■ The problem ■
Copy out each line of the data below in which "IfcOpeningElement" appears.

■ Information ■

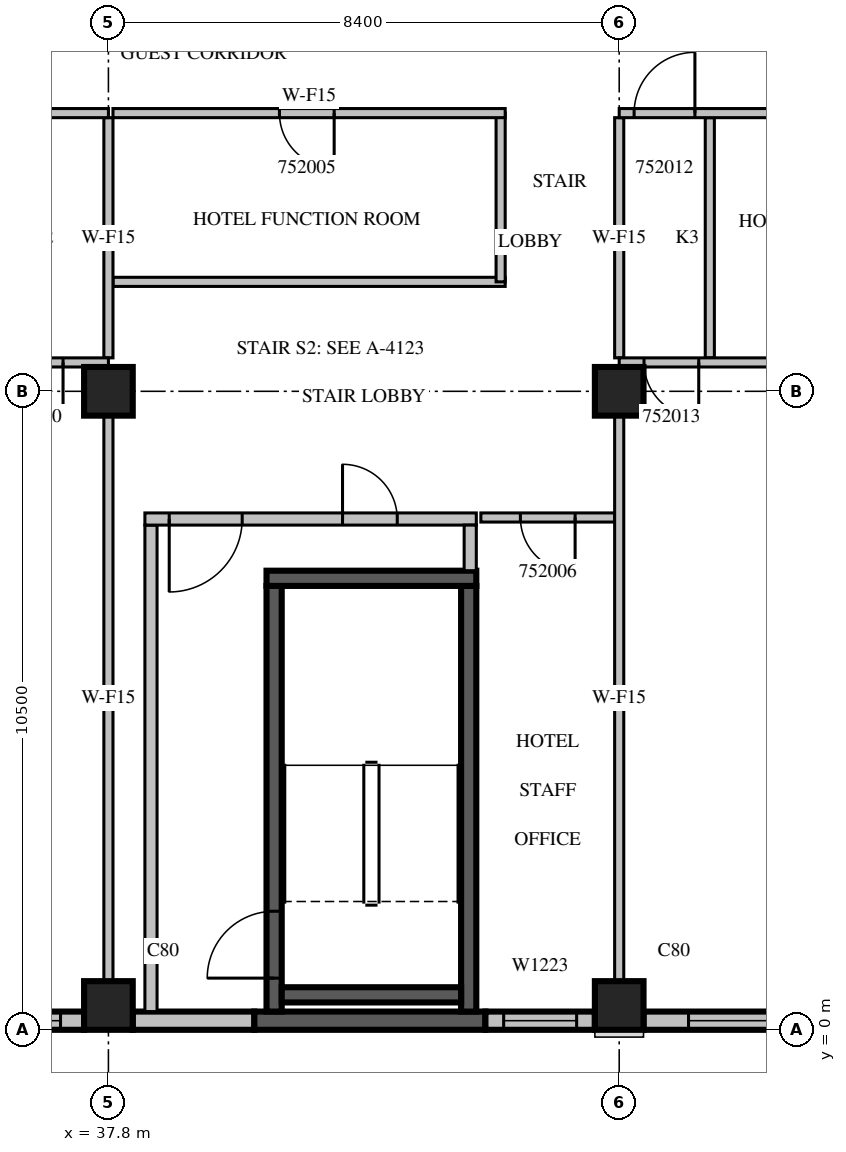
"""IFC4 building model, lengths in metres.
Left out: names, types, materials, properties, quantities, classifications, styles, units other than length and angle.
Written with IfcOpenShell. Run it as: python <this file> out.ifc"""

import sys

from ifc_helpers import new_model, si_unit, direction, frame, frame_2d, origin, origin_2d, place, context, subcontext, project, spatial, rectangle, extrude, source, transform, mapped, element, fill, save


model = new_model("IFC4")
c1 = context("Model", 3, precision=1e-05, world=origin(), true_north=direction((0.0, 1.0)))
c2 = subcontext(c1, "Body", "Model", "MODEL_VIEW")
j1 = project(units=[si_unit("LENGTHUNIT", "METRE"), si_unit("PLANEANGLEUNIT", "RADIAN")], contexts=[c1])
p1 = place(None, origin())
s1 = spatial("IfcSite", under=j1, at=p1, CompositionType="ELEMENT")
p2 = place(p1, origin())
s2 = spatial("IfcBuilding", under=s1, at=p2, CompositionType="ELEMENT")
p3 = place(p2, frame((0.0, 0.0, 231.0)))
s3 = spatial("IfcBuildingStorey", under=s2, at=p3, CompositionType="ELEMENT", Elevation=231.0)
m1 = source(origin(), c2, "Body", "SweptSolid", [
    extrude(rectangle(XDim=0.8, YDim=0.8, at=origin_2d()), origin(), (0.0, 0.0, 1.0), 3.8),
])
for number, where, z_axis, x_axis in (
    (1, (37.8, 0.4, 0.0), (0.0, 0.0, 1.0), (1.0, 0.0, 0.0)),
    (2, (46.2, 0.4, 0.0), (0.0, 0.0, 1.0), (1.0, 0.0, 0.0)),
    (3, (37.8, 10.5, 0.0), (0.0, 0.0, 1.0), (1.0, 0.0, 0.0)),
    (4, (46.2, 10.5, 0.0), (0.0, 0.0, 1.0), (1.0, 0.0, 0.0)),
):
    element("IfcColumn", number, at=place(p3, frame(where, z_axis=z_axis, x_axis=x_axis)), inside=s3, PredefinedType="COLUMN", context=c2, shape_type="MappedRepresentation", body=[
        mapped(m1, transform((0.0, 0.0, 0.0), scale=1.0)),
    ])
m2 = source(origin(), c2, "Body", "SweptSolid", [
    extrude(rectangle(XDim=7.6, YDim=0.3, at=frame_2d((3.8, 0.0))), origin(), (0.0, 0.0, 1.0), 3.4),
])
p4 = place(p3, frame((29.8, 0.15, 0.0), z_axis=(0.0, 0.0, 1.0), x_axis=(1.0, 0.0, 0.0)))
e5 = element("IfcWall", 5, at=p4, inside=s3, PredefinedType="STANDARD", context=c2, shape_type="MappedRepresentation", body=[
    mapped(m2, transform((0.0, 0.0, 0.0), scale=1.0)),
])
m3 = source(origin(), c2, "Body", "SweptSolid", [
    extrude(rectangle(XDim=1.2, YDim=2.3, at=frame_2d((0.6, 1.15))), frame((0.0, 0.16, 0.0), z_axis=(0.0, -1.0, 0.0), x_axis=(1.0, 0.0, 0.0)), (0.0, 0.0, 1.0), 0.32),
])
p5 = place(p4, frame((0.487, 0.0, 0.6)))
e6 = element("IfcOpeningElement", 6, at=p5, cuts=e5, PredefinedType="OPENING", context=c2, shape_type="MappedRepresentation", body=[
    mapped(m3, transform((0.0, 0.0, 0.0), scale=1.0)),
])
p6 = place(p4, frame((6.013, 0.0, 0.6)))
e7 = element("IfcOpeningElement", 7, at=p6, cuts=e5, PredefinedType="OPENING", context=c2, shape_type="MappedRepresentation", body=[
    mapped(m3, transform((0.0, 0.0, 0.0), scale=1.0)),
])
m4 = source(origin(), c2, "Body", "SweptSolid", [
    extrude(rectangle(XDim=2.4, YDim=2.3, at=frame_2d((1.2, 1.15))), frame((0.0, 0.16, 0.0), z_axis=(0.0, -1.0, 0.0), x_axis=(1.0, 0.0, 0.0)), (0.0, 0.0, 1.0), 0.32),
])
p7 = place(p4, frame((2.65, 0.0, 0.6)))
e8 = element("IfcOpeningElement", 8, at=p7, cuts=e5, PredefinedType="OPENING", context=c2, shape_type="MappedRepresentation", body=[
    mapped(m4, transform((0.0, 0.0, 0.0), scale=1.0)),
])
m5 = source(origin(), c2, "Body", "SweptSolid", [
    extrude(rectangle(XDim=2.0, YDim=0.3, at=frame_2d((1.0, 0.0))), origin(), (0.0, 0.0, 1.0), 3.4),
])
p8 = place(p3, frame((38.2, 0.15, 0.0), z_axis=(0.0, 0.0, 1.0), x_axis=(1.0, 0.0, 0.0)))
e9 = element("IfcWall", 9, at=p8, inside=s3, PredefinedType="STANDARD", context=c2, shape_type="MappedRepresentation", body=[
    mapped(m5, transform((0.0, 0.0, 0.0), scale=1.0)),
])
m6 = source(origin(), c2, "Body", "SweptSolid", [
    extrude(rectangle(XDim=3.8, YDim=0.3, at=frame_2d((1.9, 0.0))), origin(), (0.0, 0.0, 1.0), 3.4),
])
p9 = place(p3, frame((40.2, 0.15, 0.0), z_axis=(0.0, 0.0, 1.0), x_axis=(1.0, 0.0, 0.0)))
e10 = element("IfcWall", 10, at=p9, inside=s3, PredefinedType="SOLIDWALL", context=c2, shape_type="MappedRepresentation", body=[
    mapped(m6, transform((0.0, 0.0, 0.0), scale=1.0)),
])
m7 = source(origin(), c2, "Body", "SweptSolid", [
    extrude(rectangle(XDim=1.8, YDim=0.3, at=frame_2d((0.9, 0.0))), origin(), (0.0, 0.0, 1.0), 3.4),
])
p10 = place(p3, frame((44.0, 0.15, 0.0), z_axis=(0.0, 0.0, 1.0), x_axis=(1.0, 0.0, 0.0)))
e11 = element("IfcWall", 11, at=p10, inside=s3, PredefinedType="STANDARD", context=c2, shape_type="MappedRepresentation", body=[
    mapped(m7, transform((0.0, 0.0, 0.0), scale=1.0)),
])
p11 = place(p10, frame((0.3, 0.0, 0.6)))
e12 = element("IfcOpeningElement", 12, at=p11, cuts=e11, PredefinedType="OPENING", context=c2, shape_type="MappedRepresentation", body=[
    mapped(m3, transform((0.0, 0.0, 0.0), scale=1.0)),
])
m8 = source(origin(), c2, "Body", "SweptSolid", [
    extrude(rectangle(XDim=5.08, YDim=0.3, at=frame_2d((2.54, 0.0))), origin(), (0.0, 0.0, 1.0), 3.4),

■ Answer box ■
e6 = element("IfcOpeningElement", 6, at=p5, cuts=e5, PredefinedType="OPENING", context=c2, shape_type="MappedRepresentation", body=[
e7 = element("IfcOpeningElement", 7, at=p6, cuts=e5, PredefinedType="OPENING", context=c2, shape_type="MappedRepresentation", body=[
e8 = element("IfcOpeningElement", 8, at=p7, cuts=e5, PredefinedType="OPENING", context=c2, shape_type="MappedRepresentation", body=[
e12 = element("IfcOpeningElement", 12, at=p11, cuts=e11, PredefinedType="OPENING", context=c2, shape_type="MappedRepresentation", body=[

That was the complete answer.